### [REQUIRED WORK]
Beneath this instruction is a listing; print exactly the lines in it starting at the line that contains "for name, color, linetype, lineweight" and going through the line that contains "blk = doc.blocks.new('ОГ52_на12персон_стол2800х900')".

Content starts

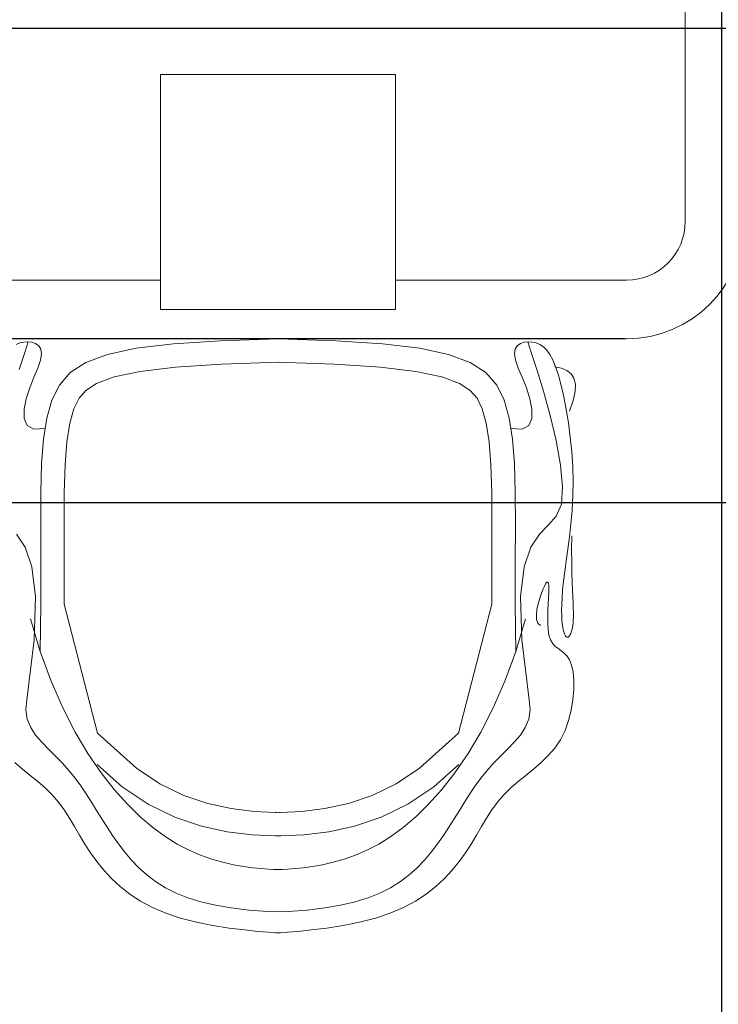
# Model space of a CAD drawing. Units: inches. Extents: x 1454 to 2136, y 626 to 1213.
# Tile 14 of 23: x 1678 to 1701, y 1062 to 1095. Entities that reach past the tile are written whole.
import ezdxf

# ---------------------------------------------------------------- set-up
doc = ezdxf.new("R2010")
doc.units = ezdxf.units.IN
doc.header["$MEASUREMENT"] = 0
for name, color, linetype, lineweight in [('A-ANNO-DIMS', 2, 'Continuous', 18), ('A-FURN-PATT', 252, 'Continuous', 13), ('conference', 41, 'Continuous', 18)]:
    doc.layers.add(name, color=color, linetype=linetype, lineweight=lineweight)
doc.styles.get("Standard").update_dxf_attribs({"font": 'arial.ttf'})
doc.dimstyles.get("Standard").update_dxf_attribs({"dimtxt": 4, "dimasz": 0.18, "dimexe": 0.18, "dimexo": 0.0625, "dimgap": 0.09, "dimtad": 0, "dimtih": 1, "dimtoh": 1, "dimdec": 0, "dimrnd": 6, "dimzin": 0, "dimdsep": 46, "dimlunit": 3, "dimtxsty": 'Standard', "dimcen": 0.09, "dimadec": 0, "dimazin": 0, "dimtfac": 1, "dimtdec": 0, "dimtofl": 0, "dimtmove": 0, "dimatfit": 3, "dimfxl": 1, "dimtolj": 1, "dimtzin": 0, "dimarcsym": 0})

# ---------------------------------------------------------------- blocks, each defined once
blk = doc.blocks.new('ОГ52_на12персон_стол2800х900')
for p, q in [((1350, -270.68), (1350, -520.68)), ((903.37, -595.68), (903.37, -395.68)), ((903.37, -395.68), (1103.37, -395.68)), ((1103.37, -395.68), (1103.37, -595.68)), ((903.37, -570.68), (603.37, -570.68)), ((1300, -570.68), (1103.37, -570.68)), ((1103.37, -595.68), (903.37, -595.68)), ((-1300, -620.68), (1300, -620.68)), ((783.57, -624.18), (780.44, -625.46)), ((786.91, -623.45), (783.57, -624.18)), ((790.43, -623.21), (786.91, -623.45)), ((787.79, -632.32), (790.86, -623.25)), ((793.92, -623.54), (790.43, -623.21)), ((797.1, -624.59), (793.92, -623.54)), ((799.71, -626.5), (797.1, -624.59)), ((801.46, -629.41), (799.71, -626.5)), ((882.76, -628.66), (914.4, -624.84)), ((914.4, -624.84), (954.25, -622.24)), ((954.25, -622.24), (1003.37, -620.68)), ((1052.48, -622.24), (1003.37, -620.68)), ((1092.33, -624.84), (1052.48, -622.24)), ((1123.97, -628.66), (1092.33, -624.84)), ((1205.28, -629.41), (1207.03, -626.5)), ((1207.03, -626.5), (1209.63, -624.59)), ((1209.63, -624.59), (1212.81, -623.54)), ((1212.81, -623.54), (1216.3, -623.21)), ((1218.94, -632.32), (1215.88, -623.25)), ((1216.3, -623.21), (1219.83, -623.45)), ((1219.83, -623.45), (1223.17, -624.18)), ((1223.17, -624.18), (1226.3, -625.46)), ((1226.3, -625.46), (1229.24, -627.43)), ((1229.24, -627.43), (1232.02, -630.19)), ((783.1, -646.8), (787.79, -632.32)), ((801.33, -638.81), (802.09, -633.47)), ((802.09, -633.47), (801.46, -629.41)), ((839.9, -640.74), (858.28, -633.9)), ((858.28, -633.9), (882.76, -628.66)), ((1148.45, -633.9), (1123.97, -628.66)), ((1166.83, -640.74), (1148.45, -633.9)), ((1204.65, -633.47), (1205.28, -629.41)), ((1205.41, -638.81), (1204.65, -633.47)), ((1223.64, -646.8), (1218.94, -632.32)), ((1232.02, -630.19), (1234.67, -633.88)), ((1234.67, -633.88), (1237.21, -638.62)), ((798.9, -645.58), (801.33, -638.81)), ((826.58, -649.4), (839.9, -640.74)), ((886.06, -648.4), (916.25, -644.76)), ((916.25, -644.76), (955.22, -642.22)), ((955.22, -642.22), (1004, -640.67)), ((1051.51, -642.22), (1002.73, -640.67)), ((1090.48, -644.76), (1051.51, -642.22)), ((1120.68, -648.4), (1090.48, -644.76)), ((1180.15, -649.4), (1166.83, -640.74)), ((1207.83, -645.58), (1205.41, -638.81)), ((1237.21, -638.62), (1239.66, -644.52)), ((1244.55, -645.63), (1239.08, -644.46)), ((1239.66, -644.52), (1242.06, -651.71)), ((795.53, -653.36), (792.03, -662.32)), ((798.9, -645.58), (795.53, -653.36)), ((817.26, -660.04), (826.58, -649.4)), ((848.95, -658.72), (863.89, -653.15)), ((863.89, -653.15), (886.06, -648.4)), ((1142.84, -653.15), (1120.68, -648.4)), ((1157.78, -658.72), (1142.84, -653.15)), ((1189.48, -660.04), (1180.15, -649.4)), ((1207.83, -645.58), (1211.21, -653.36)), ((1211.21, -653.36), (1214.71, -662.32)), ((1229.22, -665.14), (1223.64, -646.8)), ((1242.06, -651.71), (1244.4, -660.26)), ((1249.16, -647.56), (1244.55, -645.63)), ((1252.77, -650.38), (1249.16, -647.56)), ((1255.26, -654.22), (1252.77, -650.38)), ((810.88, -672.88), (817.26, -660.04)), ((839.8, -664.66), (848.95, -658.72)), ((1166.94, -664.66), (1157.78, -658.72)), ((1195.85, -672.88), (1189.48, -660.04)), ((1244.4, -660.26), (1246.64, -670.01)), ((1256.5, -659.21), (1255.26, -654.22)), ((1256.34, -665.48), (1256.5, -659.21)), ((792.03, -662.32), (789.06, -671.68)), ((834.02, -671.26), (839.8, -664.66)), ((1172.72, -671.26), (1166.94, -664.66)), ((1214.71, -662.32), (1217.68, -671.68)), ((1234.96, -685.83), (1229.22, -665.14)), ((1246.64, -670.01), (1248.73, -680.76)), ((1254.67, -673.16), (1256.34, -665.48)), ((789.06, -671.68), (787.28, -680.65)), ((806.53, -688.12), (810.88, -672.88)), ((829.61, -680.14), (834.02, -671.26)), ((1177.13, -680.14), (1172.72, -671.26)), ((1200.21, -688.12), (1195.85, -672.88)), ((1217.68, -671.68), (1219.46, -680.65)), ((1251.36, -682.38), (1254.67, -673.16)), ((787.28, -680.65), (787.33, -688.46)), ((826.1, -692.42), (829.61, -680.14)), ((1180.64, -692.42), (1177.13, -680.14)), ((1219.46, -680.65), (1219.4, -688.46)), ((1240.09, -707.33), (1234.96, -685.83)), ((1248.73, -680.76), (1250.58, -692.29)), ((787.33, -688.46), (789.89, -694.32)), ((789.89, -694.32), (795.6, -697.45)), ((803.73, -706.03), (806.53, -688.12)), ((823.61, -708.33), (826.1, -692.42)), ((1183.12, -708.33), (1180.64, -692.42)), ((1203.01, -706.03), (1200.21, -688.12)), ((1216.84, -694.32), (1211.13, -697.45)), ((1219.4, -688.46), (1216.84, -694.32)), ((1250.58, -692.29), (1252.14, -704.4)), ((795.6, -697.45), (805.13, -697.07)), ((1211.13, -697.45), (1201.61, -697.07)), ((802.16, -726.94), (803.73, -706.03)), ((822.14, -727.97), (823.61, -708.33)), ((1184.6, -727.97), (1183.12, -708.33)), ((1204.57, -726.94), (1203.01, -706.03)), ((1243.89, -728.11), (1240.09, -707.33)), ((1252.14, -704.4), (1253.35, -716.88)), ((1253.35, -716.88), (1254.14, -729.52)), ((801.49, -751.13), (802.16, -726.94)), ((821.48, -751.45), (822.14, -727.97)), ((1185.25, -751.45), (1184.6, -727.97)), ((1205.25, -751.13), (1204.57, -726.94)), ((1245.62, -746.63), (1243.89, -728.11)), ((1254.14, -729.52), (1254.45, -742.11)), ((1254.45, -742.11), (1254.24, -754.46)), ((801.37, -778.91), (801.49, -751.13)), ((821.37, -778.91), (821.48, -751.45)), ((1185.37, -778.91), (1185.25, -751.45)), ((1205.37, -778.91), (1205.25, -751.13)), ((1244.53, -761.38), (1245.62, -746.63)), ((1240.21, -771.53), (1244.53, -761.38)), ((1254.24, -754.46), (1253.59, -766.48)), ((1253.59, -766.48), (1252.6, -778.08)), ((801.48, -810.58), (801.37, -778.91)), ((821.48, -810.54), (821.37, -778.91)), ((1185.26, -810.54), (1185.37, -778.91)), ((1205.26, -810.58), (1205.37, -778.91)), ((1225.99, -787.04), (1233.61, -779.15)), ((1233.61, -779.15), (1240.21, -771.53)), ((1252.6, -778.08), (1251.38, -789.18)), ((788.11, -797.97), (780.75, -787.04)), ((1218.62, -797.97), (1225.99, -787.04)), ((1251.38, -789.18), (1250.05, -799.7)), ((1253.27, -800.21), (1253.41, -788.46)), ((793.95, -814.73), (788.11, -797.97)), ((1212.78, -814.73), (1218.62, -797.97)), ((1250.05, -799.7), (1248.69, -809.56)), ((1253.29, -810.55), (1253.27, -800.21)), ((801.48, -846.44), (801.48, -810.58)), ((821.48, -846.55), (821.48, -810.54)), ((1185.26, -846.55), (1185.26, -810.54)), ((1205.26, -846.44), (1205.26, -810.58)), ((1248.69, -809.56), (1247.43, -818.69)), ((1253.43, -819.6), (1253.29, -810.55)), ((796.99, -840.11), (793.95, -814.73)), ((1209.75, -840.11), (1212.78, -814.73)), ((1247.43, -818.69), (1246.37, -826.99)), ((1253.66, -827.5), (1253.43, -819.6)), ((1230.32, -830.57), (1231.41, -828.7)), ((1231.41, -828.7), (1232.29, -827.76)), ((1232.29, -827.76), (1232.98, -827.75)), ((1232.98, -827.75), (1233.48, -828.65)), ((1233.48, -828.65), (1233.79, -830.45)), ((1246.37, -826.99), (1245.58, -834.42)), ((1253.93, -834.35), (1253.66, -827.5)), ((1226.07, -841.47), (1227.56, -837.1)), ((1227.56, -837.1), (1229.03, -833.39)), ((1229.03, -833.39), (1230.32, -830.57)), ((1233.87, -836.73), (1233.66, -841.16)), ((1233.79, -830.45), (1233.92, -833.15)), ((1233.92, -833.15), (1233.87, -836.73)), ((1245.58, -834.42), (1245.06, -841)), ((1254.21, -840.27), (1253.93, -834.35)), ((795.96, -876.9), (796.99, -840.11)), ((801.03, -886.8), (801.48, -846.44)), ((849.76, -956.38), (821.48, -846.55)), ((1156.98, -956.38), (1185.26, -846.55)), ((1205.7, -886.8), (1205.26, -846.44)), ((1210.78, -876.9), (1209.75, -840.11)), ((1223.74, -850.99), (1224.74, -846.2)), ((1224.74, -846.2), (1226.07, -841.47)), ((1233.37, -846.22), (1233.09, -851.69)), ((1233.66, -841.16), (1233.37, -846.22)), ((1245.06, -841), (1244.78, -846.8)), ((1254.46, -845.39), (1254.21, -840.27)), ((1254.65, -849.83), (1254.46, -845.39)), ((1223.26, -855.54), (1223.74, -850.99)), ((1233.09, -851.69), (1232.92, -857.33)), ((1244.78, -846.8), (1244.7, -851.87)), ((1244.7, -851.87), (1244.79, -856.27)), ((1254.73, -853.68), (1254.65, -849.83)), ((1254.73, -857.02), (1254.73, -853.68)), ((792.73, -858.96), (801.02, -886.79)), ((1214, -858.96), (1205.72, -886.79)), ((1223.49, -859.55), (1223.26, -855.54)), ((1224.61, -862.74), (1223.49, -859.55)), ((1226.8, -864.79), (1224.61, -862.74)), ((1232.92, -857.33), (1232.95, -862.89)), ((1232.95, -862.89), (1233.27, -868.16)), ((1244.79, -856.27), (1245.01, -860.06)), ((1245.01, -860.06), (1245.34, -863.29)), ((1245.34, -863.29), (1245.73, -866.03)), ((1254.25, -864.48), (1254.47, -862.37)), ((1254.47, -862.37), (1254.64, -859.89)), ((1254.64, -859.89), (1254.73, -857.02)), ((1233.27, -868.16), (1233.98, -872.89)), ((1245.73, -866.03), (1246.17, -868.32)), ((1246.17, -868.32), (1246.63, -870.2)), ((1246.63, -870.2), (1247.12, -871.7)), ((1247.12, -871.7), (1247.62, -872.86)), ((1252.07, -872.49), (1252.5, -871.56)), ((1252.5, -871.56), (1252.9, -870.47)), ((1252.9, -870.47), (1253.28, -869.25)), ((1253.28, -869.25), (1253.64, -867.87)), ((1253.64, -867.87), (1253.97, -866.3)), ((1253.97, -866.3), (1254.25, -864.48)), ((789.59, -927.87), (795.96, -876.9)), ((1217.15, -927.87), (1210.78, -876.9)), ((1233.98, -872.89), (1235.17, -876.84)), ((1235.17, -876.84), (1236.9, -879.87)), ((1236.9, -879.87), (1239.07, -882.2)), ((1247.62, -872.86), (1248.14, -873.71)), ((1248.14, -873.71), (1248.66, -874.27)), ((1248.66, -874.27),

Content ends

### [RESULT OF THIS TASK]
for name, color, linetype, lineweight in [('A-ANNO-DIMS', 2, 'Continuous', 18), ('A-FURN-PATT', 252, 'Continuous', 13), ('conference', 41, 'Continuous', 18)]:
    doc.layers.add(name, color=color, linetype=linetype, lineweight=lineweight)
doc.styles.get("Standard").update_dxf_attribs({"font": 'arial.ttf'})
doc.dimstyles.get("Standard").update_dxf_attribs({"dimtxt": 4, "dimasz": 0.18, "dimexe": 0.18, "dimexo": 0.0625, "dimgap": 0.09, "dimtad": 0, "dimtih": 1, "dimtoh": 1, "dimdec": 0, "dimrnd": 6, "dimzin": 0, "dimdsep": 46, "dimlunit": 3, "dimtxsty": 'Standard', "dimcen": 0.09, "dimadec": 0, "dimazin": 0, "dimtfac": 1, "dimtdec": 0, "dimtofl": 0, "dimtmove": 0, "dimatfit": 3, "dimfxl": 1, "dimtolj": 1, "dimtzin": 0, "dimarcsym": 0})

# ---------------------------------------------------------------- blocks, each defined once
blk = doc.blocks.new('ОГ52_на12персон_стол2800х900')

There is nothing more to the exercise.